WORK TO BE COMPLETED — Give the number of lines in the material below that contain the word "name". No other content is needed.

SOURCE INFORMATION —
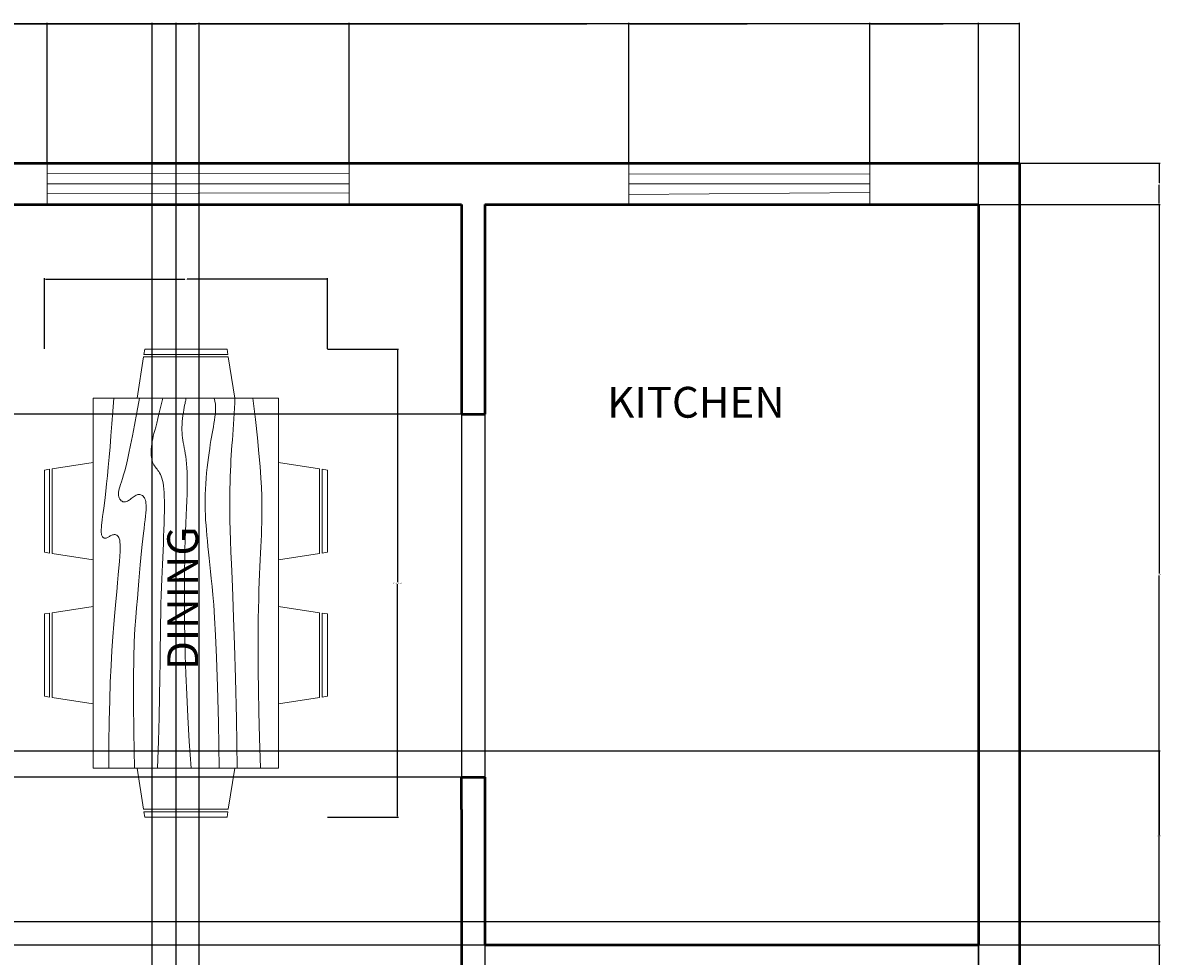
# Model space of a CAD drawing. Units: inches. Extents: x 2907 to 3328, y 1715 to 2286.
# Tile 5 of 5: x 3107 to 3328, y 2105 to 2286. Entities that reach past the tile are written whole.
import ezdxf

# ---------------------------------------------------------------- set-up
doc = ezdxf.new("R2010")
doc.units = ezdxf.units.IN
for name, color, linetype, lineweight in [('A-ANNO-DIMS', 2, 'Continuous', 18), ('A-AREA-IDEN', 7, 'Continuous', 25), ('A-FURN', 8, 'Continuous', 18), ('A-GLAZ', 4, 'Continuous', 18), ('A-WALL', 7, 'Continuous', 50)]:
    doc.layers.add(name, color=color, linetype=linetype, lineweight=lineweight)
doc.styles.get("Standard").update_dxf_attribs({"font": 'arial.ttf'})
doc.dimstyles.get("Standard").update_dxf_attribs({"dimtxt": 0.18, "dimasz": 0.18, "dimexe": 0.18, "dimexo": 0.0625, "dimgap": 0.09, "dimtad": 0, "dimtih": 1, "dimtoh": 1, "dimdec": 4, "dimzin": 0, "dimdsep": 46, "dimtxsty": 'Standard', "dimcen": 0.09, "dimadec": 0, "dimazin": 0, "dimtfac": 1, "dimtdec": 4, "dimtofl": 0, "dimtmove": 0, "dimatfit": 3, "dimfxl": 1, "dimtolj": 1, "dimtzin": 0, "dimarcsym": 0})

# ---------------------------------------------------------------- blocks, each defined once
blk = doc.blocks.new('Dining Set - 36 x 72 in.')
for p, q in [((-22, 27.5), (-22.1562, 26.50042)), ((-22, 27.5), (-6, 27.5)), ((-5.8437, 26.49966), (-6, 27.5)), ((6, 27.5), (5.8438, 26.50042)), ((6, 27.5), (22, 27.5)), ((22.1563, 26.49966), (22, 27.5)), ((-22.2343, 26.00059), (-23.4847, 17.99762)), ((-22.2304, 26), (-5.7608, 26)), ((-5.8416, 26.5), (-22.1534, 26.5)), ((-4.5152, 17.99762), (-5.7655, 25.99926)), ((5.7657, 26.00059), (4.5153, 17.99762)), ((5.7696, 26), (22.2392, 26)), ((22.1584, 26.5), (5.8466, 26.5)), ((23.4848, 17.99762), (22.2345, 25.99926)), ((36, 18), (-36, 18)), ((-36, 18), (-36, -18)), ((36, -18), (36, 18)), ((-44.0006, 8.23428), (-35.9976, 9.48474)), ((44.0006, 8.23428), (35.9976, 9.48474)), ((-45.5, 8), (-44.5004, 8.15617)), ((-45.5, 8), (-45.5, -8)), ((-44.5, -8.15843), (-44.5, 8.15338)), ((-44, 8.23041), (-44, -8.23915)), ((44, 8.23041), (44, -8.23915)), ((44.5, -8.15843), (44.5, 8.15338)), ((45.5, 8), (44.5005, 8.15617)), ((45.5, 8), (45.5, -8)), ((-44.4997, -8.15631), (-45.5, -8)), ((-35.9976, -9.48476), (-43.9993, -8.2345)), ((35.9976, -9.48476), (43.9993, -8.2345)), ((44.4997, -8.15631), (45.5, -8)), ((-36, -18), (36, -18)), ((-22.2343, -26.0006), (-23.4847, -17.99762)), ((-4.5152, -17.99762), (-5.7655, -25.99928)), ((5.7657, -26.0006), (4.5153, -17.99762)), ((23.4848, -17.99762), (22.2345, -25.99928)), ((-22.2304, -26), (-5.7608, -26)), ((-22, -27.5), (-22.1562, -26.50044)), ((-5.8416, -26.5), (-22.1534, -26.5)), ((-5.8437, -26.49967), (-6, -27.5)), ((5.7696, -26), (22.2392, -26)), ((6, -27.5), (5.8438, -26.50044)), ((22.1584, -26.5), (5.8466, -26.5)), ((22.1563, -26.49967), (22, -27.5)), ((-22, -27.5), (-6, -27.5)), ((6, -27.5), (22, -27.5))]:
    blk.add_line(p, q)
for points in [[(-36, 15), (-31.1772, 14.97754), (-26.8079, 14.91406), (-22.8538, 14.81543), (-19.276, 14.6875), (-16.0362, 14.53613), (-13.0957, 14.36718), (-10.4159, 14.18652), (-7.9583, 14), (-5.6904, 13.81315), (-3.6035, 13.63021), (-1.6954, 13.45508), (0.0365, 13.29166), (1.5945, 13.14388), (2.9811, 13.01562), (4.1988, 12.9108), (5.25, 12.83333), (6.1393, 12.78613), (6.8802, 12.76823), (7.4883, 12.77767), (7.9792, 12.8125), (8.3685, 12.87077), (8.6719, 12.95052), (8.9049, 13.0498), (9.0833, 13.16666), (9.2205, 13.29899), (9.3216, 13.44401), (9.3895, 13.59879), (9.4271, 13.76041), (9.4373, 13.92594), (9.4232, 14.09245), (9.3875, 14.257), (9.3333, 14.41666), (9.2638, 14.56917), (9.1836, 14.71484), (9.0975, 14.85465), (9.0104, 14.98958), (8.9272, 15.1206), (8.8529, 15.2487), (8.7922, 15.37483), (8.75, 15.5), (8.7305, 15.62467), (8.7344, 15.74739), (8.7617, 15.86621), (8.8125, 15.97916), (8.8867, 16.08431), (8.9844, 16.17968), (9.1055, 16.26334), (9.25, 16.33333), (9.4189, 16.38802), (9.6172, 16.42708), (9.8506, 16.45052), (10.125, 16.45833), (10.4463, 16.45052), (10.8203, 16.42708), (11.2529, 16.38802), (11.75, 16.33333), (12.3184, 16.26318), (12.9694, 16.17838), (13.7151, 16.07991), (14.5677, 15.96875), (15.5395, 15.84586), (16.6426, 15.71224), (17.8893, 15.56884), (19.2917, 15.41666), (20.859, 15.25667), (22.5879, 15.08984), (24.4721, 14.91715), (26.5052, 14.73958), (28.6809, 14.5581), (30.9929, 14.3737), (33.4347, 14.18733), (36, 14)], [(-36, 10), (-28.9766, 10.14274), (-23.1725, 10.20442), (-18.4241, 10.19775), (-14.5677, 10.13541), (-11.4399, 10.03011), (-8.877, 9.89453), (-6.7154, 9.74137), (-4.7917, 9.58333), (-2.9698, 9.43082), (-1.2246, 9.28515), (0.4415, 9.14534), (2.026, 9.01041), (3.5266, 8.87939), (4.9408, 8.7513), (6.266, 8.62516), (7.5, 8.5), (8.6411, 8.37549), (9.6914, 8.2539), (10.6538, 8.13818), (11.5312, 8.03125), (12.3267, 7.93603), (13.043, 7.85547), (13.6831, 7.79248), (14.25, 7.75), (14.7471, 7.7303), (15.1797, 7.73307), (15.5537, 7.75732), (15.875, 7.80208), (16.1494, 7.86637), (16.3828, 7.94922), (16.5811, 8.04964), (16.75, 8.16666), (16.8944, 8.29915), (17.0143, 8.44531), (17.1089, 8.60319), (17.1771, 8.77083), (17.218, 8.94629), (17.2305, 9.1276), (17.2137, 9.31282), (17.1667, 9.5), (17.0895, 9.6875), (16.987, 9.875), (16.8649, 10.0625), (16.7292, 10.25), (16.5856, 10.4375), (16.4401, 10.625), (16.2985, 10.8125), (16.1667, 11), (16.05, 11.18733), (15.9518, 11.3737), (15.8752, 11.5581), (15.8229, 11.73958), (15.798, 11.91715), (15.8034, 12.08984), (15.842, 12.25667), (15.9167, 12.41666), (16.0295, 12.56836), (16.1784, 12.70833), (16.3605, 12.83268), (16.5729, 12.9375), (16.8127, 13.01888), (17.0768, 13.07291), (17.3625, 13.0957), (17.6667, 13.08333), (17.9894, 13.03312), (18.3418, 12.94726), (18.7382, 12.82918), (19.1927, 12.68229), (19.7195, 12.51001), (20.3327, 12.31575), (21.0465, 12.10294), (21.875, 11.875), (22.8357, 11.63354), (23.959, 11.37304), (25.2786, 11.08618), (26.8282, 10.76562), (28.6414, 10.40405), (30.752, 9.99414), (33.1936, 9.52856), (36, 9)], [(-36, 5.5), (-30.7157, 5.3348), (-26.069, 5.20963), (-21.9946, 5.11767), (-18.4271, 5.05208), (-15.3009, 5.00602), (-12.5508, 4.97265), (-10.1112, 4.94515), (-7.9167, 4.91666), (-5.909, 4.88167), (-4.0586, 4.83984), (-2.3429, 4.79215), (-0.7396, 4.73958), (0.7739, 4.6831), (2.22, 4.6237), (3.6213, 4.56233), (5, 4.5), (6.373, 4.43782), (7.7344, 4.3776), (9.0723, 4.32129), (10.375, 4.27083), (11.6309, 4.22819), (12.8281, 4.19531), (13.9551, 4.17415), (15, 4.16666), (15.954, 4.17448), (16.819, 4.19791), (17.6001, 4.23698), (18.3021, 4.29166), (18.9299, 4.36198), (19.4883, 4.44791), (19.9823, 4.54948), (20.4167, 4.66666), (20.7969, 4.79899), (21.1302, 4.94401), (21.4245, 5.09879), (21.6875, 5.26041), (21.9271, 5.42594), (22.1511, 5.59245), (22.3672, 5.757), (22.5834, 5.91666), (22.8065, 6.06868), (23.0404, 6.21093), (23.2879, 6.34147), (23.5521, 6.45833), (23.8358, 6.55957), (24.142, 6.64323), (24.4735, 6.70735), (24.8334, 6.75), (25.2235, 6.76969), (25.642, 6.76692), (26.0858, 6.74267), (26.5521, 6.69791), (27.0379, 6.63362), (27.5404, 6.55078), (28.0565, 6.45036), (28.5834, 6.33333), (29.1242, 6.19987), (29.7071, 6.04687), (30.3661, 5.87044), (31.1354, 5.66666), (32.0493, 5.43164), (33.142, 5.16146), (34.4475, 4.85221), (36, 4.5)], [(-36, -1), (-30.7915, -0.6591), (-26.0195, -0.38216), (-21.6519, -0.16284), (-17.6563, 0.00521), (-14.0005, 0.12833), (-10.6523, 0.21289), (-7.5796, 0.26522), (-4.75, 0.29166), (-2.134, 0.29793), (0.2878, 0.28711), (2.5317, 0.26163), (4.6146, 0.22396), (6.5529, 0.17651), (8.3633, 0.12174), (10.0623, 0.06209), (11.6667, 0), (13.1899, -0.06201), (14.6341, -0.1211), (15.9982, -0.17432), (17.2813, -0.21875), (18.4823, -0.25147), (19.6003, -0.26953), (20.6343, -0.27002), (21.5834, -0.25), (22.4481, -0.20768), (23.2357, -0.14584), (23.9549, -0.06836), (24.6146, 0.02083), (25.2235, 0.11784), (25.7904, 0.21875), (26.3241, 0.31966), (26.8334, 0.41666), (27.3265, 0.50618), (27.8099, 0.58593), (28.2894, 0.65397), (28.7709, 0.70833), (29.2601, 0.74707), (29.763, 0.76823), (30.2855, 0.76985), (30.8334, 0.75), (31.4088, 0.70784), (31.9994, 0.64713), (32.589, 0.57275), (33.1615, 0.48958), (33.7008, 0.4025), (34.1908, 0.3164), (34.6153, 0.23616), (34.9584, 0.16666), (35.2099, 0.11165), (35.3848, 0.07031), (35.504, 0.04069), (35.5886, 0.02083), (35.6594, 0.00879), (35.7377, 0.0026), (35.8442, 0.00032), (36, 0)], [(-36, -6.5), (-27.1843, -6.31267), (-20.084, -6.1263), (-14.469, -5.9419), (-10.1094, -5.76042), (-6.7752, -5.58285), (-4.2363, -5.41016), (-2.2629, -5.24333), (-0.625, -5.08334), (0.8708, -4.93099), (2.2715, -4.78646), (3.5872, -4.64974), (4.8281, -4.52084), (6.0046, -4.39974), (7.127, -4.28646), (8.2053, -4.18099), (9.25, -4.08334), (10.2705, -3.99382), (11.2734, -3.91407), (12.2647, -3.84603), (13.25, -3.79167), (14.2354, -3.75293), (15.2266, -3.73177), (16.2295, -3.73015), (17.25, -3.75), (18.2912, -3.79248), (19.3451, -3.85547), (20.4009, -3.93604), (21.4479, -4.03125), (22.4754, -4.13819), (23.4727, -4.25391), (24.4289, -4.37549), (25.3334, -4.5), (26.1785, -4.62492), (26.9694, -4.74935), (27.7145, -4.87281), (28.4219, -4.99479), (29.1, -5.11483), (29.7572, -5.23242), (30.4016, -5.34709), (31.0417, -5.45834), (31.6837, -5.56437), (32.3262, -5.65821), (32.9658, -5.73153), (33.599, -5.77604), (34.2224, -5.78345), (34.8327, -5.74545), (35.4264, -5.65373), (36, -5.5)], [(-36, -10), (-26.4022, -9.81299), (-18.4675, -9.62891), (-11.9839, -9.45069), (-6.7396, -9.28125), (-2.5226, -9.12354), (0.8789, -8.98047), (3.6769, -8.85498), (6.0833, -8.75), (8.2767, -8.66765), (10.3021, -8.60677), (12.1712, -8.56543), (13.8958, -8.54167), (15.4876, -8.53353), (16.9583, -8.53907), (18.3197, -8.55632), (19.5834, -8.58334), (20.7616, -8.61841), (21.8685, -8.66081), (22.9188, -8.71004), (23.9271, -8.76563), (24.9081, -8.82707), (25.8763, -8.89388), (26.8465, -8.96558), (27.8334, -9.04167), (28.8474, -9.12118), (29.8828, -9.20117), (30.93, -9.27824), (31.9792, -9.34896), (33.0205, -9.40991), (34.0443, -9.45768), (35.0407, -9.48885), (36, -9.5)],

RESULT BELOW — 2